| Assignment |
Leave out the pictures and print the records below exactly.

| Exercise data |
*** Block opens ***

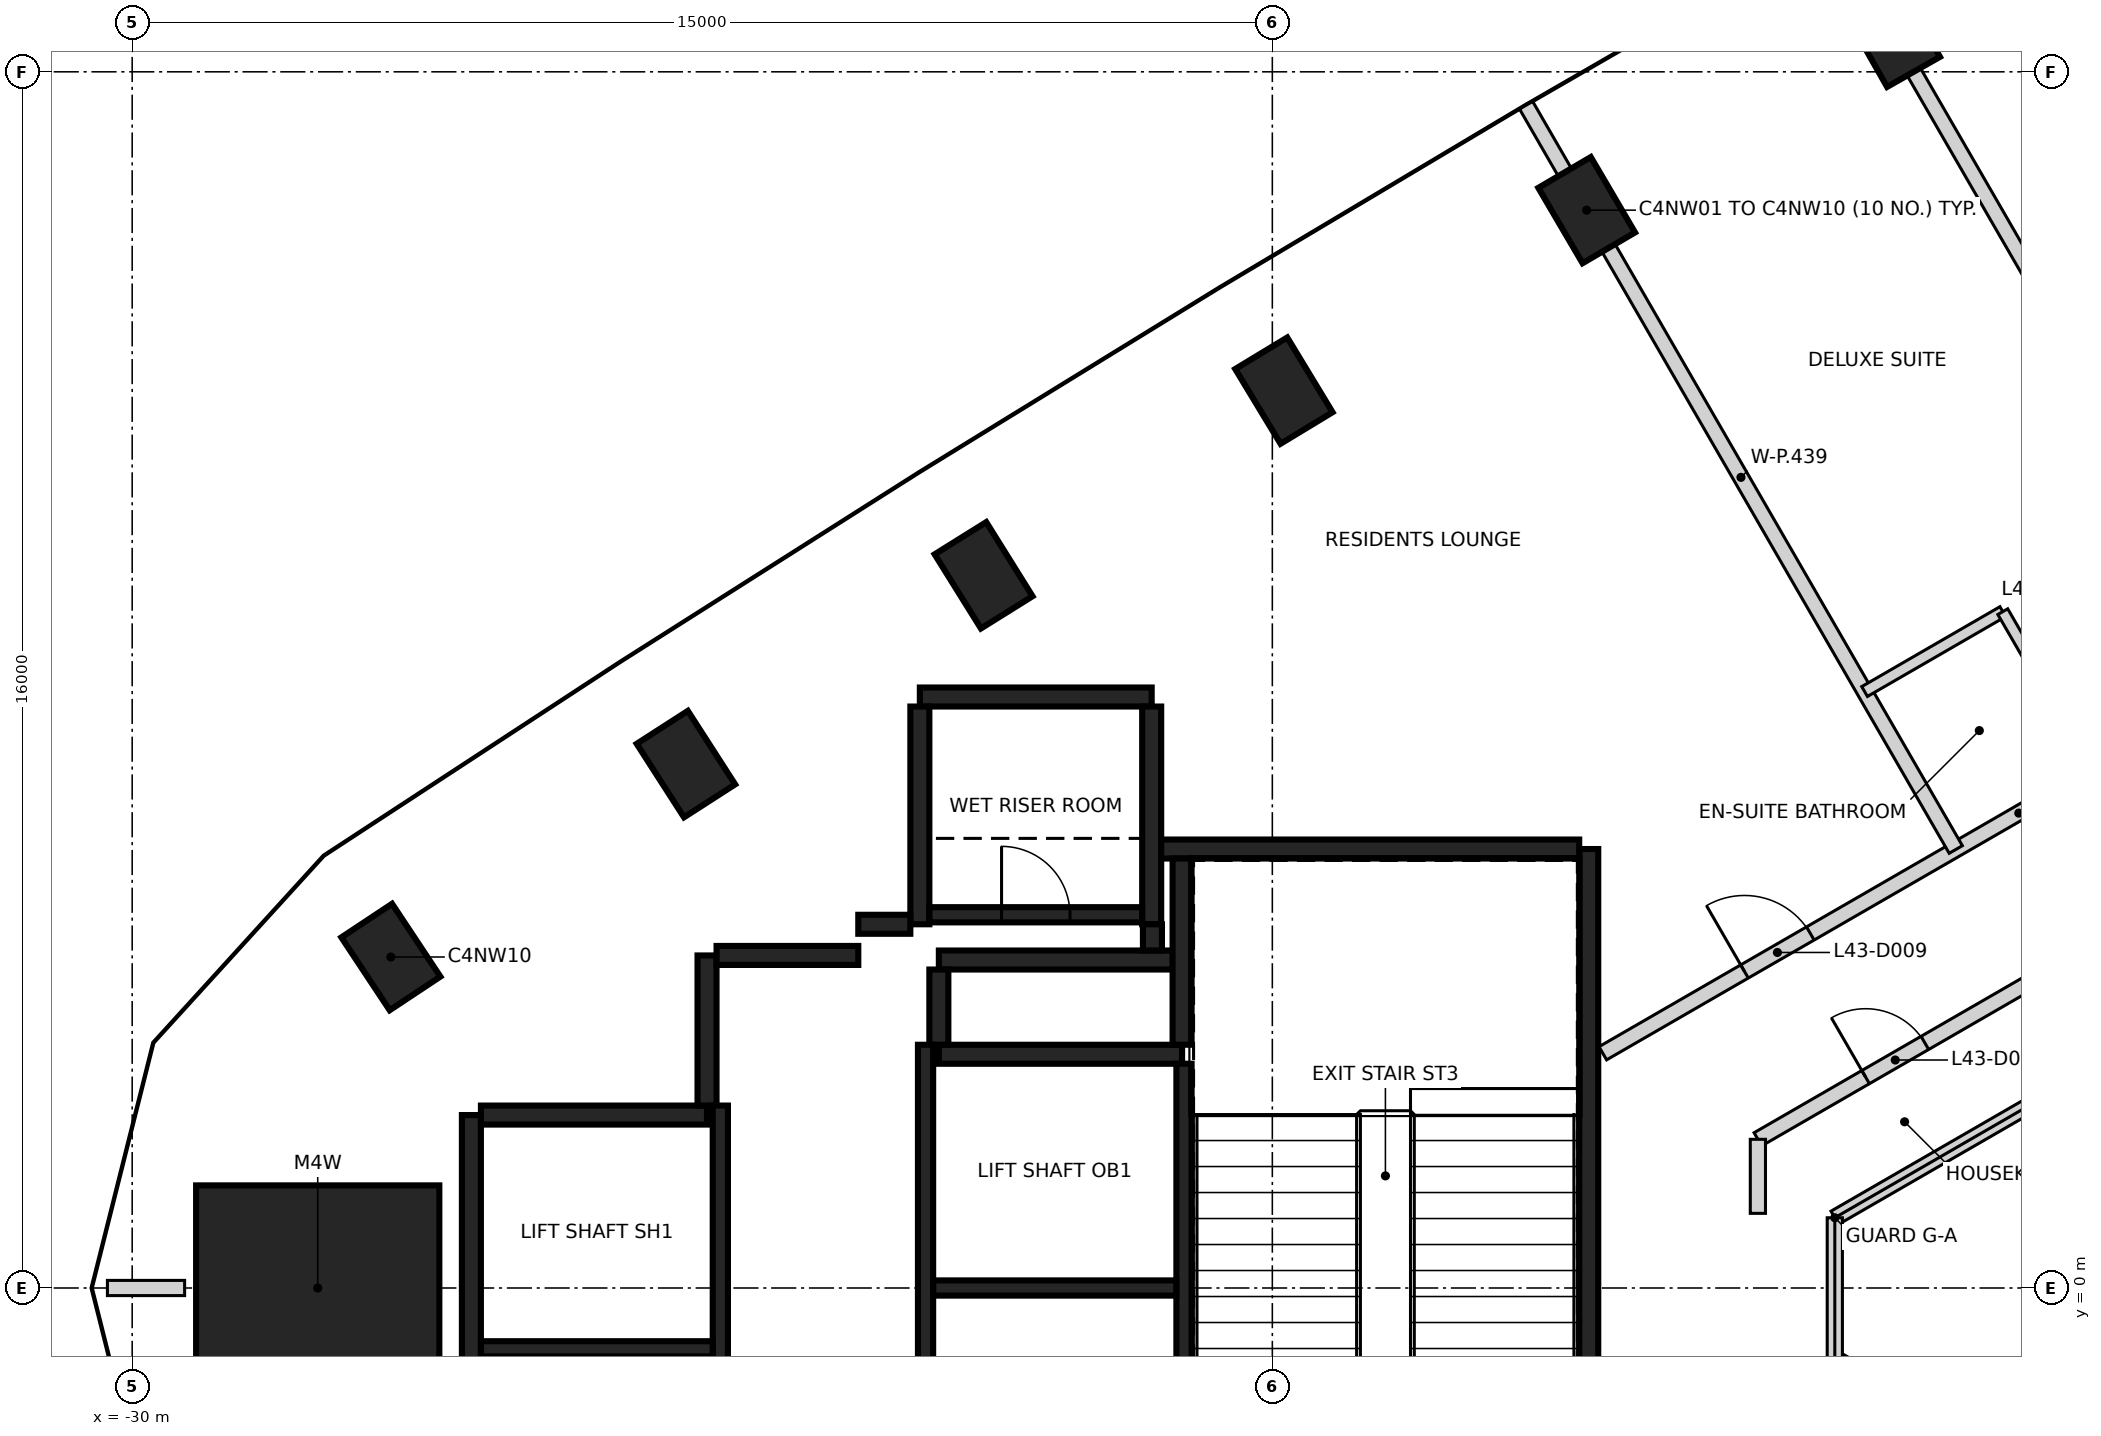
"""IFC4 building model, lengths in metres.
Left out: names, types, materials, properties, quantities, classifications, styles, units other than length and angle.
Written with IfcOpenShell. Run it as: python <this file> out.ifc"""

import sys

from ifc_helpers import new_model, si_unit, direction, frame, frame_2d, origin, origin_2d, place, context, subcontext, project, spatial, rectangle, extrude, element, fill, save


model = new_model("IFC4")
c1 = context("Model", 3, precision=1e-05, world=origin(), true_north=direction((0.0, 1.0)))
c2 = subcontext(c1, "Body", "Model", "MODEL_VIEW")
j1 = project(units=[si_unit("LENGTHUNIT", "METRE"), si_unit("PLANEANGLEUNIT", "RADIAN")], contexts=[c1])
p1 = place(None, origin())
s1 = spatial("IfcSite", under=j1, at=p1, CompositionType="ELEMENT")
p2 = place(p1, origin())
s2 = spatial("IfcBuilding", under=s1, at=p2, CompositionType="ELEMENT")
p3 = place(p2, frame((0.0, 0.0, 175.6)))
s3 = spatial("IfcBuildingStorey", under=s2, at=p3, CompositionType="ELEMENT", Elevation=175.6)
for number, where, z_axis, x_axis in (
    (1, (-6.848, 16.499, -0.35), (0.0, 0.0, 1.0), (-0.494, 0.87, 0.0)),
    (2, (-10.864, 14.18, -0.35), (0.0, 0.0, 1.0), (-0.506, 0.862, 0.0)),
    (3, (-14.848, 11.806, -0.35), (0.0, 0.0, 1.0), (-0.518, 0.855, 0.0)),
    (4, (-18.799, 9.376, -0.35), (0.0, 0.0, 1.0), (-0.529, 0.848, 0.0)),
    (5, (-22.715, 6.892, -0.35), (0.0, 0.0, 1.0), (-0.541, 0.841, 0.0)),
    (6, (-26.597, 4.354, -0.35), (0.0, 0.0, 1.0), (-0.553, 0.833, 0.0)),
):
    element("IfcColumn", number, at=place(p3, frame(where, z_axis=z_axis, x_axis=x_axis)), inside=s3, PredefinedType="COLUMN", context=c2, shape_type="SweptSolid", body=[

*** Block closes ***

| Output for this task |
"""IFC4 building model, lengths in metres.
Left out: names, types, materials, properties, quantities, classifications, styles, units other than length and angle.
Written with IfcOpenShell. Run it as: python <this file> out.ifc"""

import sys

from ifc_helpers import new_model, si_unit, direction, frame, frame_2d, origin, origin_2d, place, context, subcontext, project, spatial, rectangle, extrude, element, fill, save


model = new_model("IFC4")
c1 = context("Model", 3, precision=1e-05, world=origin(), true_north=direction((0.0, 1.0)))
c2 = subcontext(c1, "Body", "Model", "MODEL_VIEW")
j1 = project(units=[si_unit("LENGTHUNIT", "METRE"), si_unit("PLANEANGLEUNIT", "RADIAN")], contexts=[c1])
p1 = place(None, origin())
s1 = spatial("IfcSite", under=j1, at=p1, CompositionType="ELEMENT")
p2 = place(p1, origin())
s2 = spatial("IfcBuilding", under=s1, at=p2, CompositionType="ELEMENT")
p3 = place(p2, frame((0.0, 0.0, 175.6)))
s3 = spatial("IfcBuildingStorey", under=s2, at=p3, CompositionType="ELEMENT", Elevation=175.6)
for number, where, z_axis, x_axis in (
    (1, (-6.848, 16.499, -0.35), (0.0, 0.0, 1.0), (-0.494, 0.87, 0.0)),
    (2, (-10.864, 14.18, -0.35), (0.0, 0.0, 1.0), (-0.506, 0.862, 0.0)),
    (3, (-14.848, 11.806, -0.35), (0.0, 0.0, 1.0), (-0.518, 0.855, 0.0)),
    (4, (-18.799, 9.376, -0.35), (0.0, 0.0, 1.0), (-0.529, 0.848, 0.0)),
    (5, (-22.715, 6.892, -0.35), (0.0, 0.0, 1.0), (-0.541, 0.841, 0.0)),
    (6, (-26.597, 4.354, -0.35), (0.0, 0.0, 1.0), (-0.553, 0.833, 0.0)),
):
    element("IfcColumn", number, at=place(p3, frame(where, z_axis=z_axis, x_axis=x_axis)), inside=s3, PredefinedType="COLUMN", context=c2, shape_type="SweptSolid", body=[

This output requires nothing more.